**TASK ITEM:** Go through the data and report each line that holds the string "project".

**INFORMATION GIVEN:**

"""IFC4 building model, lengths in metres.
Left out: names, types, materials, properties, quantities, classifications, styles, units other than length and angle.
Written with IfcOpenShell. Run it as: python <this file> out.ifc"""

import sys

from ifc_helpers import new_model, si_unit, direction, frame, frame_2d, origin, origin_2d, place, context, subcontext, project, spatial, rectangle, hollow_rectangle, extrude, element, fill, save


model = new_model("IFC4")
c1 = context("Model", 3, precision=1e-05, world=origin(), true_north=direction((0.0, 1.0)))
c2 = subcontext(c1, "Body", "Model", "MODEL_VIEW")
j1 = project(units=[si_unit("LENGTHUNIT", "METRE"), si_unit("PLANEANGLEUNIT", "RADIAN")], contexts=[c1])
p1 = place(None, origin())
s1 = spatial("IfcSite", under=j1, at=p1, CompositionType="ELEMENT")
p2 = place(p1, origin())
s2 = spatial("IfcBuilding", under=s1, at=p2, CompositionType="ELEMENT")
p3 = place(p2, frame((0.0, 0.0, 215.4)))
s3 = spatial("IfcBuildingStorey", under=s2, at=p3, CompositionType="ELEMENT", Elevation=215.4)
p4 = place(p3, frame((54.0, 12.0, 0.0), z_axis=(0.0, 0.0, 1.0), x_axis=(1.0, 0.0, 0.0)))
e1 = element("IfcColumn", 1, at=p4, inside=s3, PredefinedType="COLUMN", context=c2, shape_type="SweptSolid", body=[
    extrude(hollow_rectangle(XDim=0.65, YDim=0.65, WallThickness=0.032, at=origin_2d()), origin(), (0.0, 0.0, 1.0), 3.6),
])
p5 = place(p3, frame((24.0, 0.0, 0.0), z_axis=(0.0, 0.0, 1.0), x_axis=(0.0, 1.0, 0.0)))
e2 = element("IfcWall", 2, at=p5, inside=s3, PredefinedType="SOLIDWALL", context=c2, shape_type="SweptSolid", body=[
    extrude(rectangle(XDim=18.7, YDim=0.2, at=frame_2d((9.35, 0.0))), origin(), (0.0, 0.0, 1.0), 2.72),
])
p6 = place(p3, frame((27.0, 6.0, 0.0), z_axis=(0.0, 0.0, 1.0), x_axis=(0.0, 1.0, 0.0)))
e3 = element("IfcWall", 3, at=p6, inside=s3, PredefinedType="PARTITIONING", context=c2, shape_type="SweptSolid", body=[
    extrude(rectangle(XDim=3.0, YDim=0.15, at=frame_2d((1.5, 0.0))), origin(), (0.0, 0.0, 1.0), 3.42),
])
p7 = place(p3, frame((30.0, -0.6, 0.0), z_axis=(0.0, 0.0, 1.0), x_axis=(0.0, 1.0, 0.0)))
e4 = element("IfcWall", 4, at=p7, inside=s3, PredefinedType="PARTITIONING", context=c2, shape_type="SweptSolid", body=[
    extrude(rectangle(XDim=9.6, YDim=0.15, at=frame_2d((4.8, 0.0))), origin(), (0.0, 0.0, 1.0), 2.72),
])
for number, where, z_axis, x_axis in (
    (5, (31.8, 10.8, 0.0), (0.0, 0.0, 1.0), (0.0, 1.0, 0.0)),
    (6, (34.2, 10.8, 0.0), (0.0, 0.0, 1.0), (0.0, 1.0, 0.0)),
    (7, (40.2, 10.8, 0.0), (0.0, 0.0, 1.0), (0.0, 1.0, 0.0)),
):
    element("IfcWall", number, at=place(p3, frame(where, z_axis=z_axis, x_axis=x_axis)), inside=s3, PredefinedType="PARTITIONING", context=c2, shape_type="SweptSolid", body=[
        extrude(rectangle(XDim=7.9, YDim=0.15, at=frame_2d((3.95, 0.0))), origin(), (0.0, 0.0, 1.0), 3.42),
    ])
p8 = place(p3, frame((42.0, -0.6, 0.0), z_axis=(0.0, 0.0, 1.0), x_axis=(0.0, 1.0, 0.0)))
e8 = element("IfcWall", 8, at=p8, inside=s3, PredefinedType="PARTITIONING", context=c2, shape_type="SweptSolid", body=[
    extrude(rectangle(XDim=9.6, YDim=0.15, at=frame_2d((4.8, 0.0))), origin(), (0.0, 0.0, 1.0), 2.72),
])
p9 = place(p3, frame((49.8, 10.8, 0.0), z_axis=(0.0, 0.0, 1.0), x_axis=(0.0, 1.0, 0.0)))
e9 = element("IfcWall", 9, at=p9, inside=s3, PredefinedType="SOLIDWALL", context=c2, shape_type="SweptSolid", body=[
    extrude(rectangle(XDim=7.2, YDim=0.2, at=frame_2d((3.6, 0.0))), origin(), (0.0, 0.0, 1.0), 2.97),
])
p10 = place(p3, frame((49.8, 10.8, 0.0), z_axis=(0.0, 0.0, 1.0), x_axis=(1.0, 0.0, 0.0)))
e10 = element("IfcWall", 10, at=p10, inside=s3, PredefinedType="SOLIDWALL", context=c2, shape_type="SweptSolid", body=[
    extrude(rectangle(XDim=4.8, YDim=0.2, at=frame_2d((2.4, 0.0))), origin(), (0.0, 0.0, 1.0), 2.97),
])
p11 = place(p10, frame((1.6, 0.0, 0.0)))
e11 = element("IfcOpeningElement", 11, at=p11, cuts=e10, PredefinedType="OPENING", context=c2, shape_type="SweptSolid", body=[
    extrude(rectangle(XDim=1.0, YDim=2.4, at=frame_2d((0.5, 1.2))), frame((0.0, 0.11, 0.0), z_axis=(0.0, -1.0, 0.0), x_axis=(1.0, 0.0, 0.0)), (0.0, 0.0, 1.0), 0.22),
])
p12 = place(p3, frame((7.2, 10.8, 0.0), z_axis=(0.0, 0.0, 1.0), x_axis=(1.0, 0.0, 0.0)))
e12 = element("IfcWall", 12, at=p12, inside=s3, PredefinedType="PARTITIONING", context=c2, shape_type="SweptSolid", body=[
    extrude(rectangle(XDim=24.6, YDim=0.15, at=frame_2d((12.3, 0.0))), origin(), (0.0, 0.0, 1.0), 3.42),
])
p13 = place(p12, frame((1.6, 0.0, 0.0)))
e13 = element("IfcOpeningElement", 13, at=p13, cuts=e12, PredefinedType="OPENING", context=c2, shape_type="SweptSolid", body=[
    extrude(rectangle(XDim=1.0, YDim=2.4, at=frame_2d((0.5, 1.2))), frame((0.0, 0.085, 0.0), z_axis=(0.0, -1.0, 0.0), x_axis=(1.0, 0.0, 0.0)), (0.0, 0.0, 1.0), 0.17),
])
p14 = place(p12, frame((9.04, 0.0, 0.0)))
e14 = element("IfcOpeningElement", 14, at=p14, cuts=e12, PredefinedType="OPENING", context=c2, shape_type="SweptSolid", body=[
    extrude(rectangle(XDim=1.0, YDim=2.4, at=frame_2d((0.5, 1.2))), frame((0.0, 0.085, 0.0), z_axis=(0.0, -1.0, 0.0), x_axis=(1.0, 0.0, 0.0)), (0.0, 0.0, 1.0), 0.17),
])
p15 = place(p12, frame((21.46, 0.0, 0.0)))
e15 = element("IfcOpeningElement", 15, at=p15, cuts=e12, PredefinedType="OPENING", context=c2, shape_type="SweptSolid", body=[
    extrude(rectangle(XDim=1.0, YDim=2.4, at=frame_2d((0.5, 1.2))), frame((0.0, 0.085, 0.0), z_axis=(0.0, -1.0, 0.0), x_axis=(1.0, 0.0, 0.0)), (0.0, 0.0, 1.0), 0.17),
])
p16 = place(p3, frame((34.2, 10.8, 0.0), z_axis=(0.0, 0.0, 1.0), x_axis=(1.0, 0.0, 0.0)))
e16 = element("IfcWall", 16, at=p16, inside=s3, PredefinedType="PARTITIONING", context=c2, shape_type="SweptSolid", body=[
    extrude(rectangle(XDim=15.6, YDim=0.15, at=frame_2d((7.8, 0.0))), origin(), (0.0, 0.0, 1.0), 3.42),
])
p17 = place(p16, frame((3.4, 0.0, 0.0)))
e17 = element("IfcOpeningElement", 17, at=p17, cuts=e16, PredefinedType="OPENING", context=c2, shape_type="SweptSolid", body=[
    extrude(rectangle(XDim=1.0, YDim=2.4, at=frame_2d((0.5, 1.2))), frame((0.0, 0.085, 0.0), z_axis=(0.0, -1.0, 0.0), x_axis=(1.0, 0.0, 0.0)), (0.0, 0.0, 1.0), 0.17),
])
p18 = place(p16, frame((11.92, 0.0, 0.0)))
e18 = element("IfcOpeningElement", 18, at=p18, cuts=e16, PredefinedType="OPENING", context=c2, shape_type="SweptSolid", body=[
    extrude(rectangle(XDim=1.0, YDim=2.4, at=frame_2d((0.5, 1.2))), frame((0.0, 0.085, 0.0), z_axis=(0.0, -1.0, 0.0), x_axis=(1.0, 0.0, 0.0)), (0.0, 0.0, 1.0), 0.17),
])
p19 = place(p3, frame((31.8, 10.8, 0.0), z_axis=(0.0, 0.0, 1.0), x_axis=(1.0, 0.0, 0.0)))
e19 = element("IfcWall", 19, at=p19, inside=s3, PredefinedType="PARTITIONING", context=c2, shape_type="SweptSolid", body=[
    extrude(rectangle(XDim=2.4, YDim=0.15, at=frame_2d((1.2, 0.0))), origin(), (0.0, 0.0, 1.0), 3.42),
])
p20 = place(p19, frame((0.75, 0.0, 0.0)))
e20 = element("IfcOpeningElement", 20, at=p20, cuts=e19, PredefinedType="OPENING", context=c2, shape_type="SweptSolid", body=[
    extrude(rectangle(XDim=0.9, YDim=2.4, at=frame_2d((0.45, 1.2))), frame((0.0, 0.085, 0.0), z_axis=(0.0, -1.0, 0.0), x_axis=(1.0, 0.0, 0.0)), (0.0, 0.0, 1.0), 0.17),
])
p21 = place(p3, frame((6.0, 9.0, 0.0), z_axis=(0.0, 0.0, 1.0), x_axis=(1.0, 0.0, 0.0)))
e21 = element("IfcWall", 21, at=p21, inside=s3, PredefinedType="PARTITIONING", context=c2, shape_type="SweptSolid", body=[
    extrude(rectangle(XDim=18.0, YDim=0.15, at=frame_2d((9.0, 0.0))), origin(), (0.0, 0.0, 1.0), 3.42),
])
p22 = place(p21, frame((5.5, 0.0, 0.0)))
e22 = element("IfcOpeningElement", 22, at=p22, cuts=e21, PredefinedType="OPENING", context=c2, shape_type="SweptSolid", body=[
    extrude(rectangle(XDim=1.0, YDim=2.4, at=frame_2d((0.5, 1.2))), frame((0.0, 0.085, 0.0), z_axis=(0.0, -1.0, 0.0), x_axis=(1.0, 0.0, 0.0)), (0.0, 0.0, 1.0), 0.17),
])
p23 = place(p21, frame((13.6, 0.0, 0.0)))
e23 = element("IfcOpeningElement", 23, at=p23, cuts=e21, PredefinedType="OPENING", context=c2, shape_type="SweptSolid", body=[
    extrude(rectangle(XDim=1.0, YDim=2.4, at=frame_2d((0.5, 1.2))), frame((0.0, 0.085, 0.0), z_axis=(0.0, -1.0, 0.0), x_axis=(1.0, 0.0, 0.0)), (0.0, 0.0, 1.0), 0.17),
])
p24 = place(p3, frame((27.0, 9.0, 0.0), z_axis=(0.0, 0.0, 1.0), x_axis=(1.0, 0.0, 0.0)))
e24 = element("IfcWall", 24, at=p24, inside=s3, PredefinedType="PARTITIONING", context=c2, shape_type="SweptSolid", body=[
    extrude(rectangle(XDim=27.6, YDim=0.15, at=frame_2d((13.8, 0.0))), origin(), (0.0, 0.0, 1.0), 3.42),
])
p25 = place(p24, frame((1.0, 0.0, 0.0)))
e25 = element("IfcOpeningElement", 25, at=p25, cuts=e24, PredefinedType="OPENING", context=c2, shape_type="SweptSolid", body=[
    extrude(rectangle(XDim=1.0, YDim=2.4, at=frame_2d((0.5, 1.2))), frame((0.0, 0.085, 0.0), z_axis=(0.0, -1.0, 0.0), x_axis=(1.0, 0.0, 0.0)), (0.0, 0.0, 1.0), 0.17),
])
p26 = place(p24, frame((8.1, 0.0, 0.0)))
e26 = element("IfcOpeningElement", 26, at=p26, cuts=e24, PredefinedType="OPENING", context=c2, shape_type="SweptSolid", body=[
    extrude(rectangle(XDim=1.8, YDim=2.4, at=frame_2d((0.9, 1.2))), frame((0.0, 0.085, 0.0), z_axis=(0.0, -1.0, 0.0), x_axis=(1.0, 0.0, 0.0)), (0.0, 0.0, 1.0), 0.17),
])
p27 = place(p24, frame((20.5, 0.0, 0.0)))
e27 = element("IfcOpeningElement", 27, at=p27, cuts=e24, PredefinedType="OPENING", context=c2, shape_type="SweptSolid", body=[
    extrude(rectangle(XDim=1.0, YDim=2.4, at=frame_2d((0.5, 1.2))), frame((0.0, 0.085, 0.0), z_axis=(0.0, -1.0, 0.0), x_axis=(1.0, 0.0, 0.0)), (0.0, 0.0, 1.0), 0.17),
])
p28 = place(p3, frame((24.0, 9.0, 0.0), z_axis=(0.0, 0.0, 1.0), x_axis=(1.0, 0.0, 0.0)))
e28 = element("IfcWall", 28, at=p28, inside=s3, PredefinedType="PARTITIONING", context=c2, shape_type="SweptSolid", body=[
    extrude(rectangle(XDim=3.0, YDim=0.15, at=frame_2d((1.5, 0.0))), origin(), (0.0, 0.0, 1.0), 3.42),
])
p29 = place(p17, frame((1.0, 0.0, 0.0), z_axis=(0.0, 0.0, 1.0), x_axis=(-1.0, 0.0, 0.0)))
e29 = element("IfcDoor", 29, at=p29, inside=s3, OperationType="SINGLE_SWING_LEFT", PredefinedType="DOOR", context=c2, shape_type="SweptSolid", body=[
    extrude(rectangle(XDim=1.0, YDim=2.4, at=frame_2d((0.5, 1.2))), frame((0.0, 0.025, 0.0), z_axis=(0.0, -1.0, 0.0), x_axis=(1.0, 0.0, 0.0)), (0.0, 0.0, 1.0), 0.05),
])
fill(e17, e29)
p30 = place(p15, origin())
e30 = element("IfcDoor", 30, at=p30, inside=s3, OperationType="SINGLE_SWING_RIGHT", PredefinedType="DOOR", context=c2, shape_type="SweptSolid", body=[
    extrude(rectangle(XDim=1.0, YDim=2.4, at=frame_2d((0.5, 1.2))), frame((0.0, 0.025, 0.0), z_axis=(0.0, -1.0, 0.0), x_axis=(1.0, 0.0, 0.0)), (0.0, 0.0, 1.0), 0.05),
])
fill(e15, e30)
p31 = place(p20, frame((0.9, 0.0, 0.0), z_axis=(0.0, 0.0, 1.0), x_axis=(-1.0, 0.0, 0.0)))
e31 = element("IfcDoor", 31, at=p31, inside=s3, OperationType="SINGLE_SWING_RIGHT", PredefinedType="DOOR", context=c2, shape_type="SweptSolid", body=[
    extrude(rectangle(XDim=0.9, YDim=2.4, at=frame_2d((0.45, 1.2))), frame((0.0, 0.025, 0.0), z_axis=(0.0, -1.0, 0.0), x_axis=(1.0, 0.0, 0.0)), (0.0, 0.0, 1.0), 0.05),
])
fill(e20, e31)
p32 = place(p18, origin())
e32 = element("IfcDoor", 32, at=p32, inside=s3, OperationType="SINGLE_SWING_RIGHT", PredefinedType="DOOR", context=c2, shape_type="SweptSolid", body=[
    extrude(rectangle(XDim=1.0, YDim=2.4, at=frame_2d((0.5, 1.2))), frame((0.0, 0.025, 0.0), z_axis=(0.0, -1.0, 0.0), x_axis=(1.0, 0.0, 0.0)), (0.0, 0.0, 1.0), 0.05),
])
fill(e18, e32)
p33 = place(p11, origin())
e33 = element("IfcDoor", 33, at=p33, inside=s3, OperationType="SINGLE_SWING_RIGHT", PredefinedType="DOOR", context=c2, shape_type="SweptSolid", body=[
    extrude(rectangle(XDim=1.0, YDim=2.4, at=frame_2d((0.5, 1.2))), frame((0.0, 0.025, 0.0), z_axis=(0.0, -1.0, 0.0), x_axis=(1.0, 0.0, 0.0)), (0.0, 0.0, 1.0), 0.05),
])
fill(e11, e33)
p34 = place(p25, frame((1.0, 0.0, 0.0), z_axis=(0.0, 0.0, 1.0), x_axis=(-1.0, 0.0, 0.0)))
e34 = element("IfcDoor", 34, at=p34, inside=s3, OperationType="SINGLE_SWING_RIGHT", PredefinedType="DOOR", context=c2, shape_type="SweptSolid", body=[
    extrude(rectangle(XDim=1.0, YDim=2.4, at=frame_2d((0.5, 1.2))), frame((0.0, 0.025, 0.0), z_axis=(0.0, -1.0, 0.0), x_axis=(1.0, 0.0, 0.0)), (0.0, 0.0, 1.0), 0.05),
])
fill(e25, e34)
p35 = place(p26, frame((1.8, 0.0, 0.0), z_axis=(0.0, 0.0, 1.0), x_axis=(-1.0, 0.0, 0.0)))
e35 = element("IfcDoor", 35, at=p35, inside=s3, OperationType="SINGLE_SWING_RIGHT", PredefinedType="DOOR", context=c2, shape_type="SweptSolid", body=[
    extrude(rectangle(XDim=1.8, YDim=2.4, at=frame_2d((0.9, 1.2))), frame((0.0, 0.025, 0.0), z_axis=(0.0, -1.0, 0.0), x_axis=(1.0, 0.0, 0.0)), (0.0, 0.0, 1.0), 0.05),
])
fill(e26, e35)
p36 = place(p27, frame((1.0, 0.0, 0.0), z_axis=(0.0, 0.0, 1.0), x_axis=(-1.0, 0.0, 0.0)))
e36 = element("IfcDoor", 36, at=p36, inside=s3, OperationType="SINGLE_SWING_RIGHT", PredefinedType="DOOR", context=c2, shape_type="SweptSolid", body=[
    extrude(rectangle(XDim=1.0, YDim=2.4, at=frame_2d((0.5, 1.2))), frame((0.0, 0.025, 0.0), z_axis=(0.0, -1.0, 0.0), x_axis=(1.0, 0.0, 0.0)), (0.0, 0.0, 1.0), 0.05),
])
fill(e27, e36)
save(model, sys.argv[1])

**RESULT OF THIS EXERCISE:**
from ifc_helpers import new_model, si_unit, direction, frame, frame_2d, origin, origin_2d, place, context, subcontext, project, spatial, rectangle, hollow_rectangle, extrude, element, fill, save
j1 = project(units=[si_unit("LENGTHUNIT", "METRE"), si_unit("PLANEANGLEUNIT", "RADIAN")], contexts=[c1])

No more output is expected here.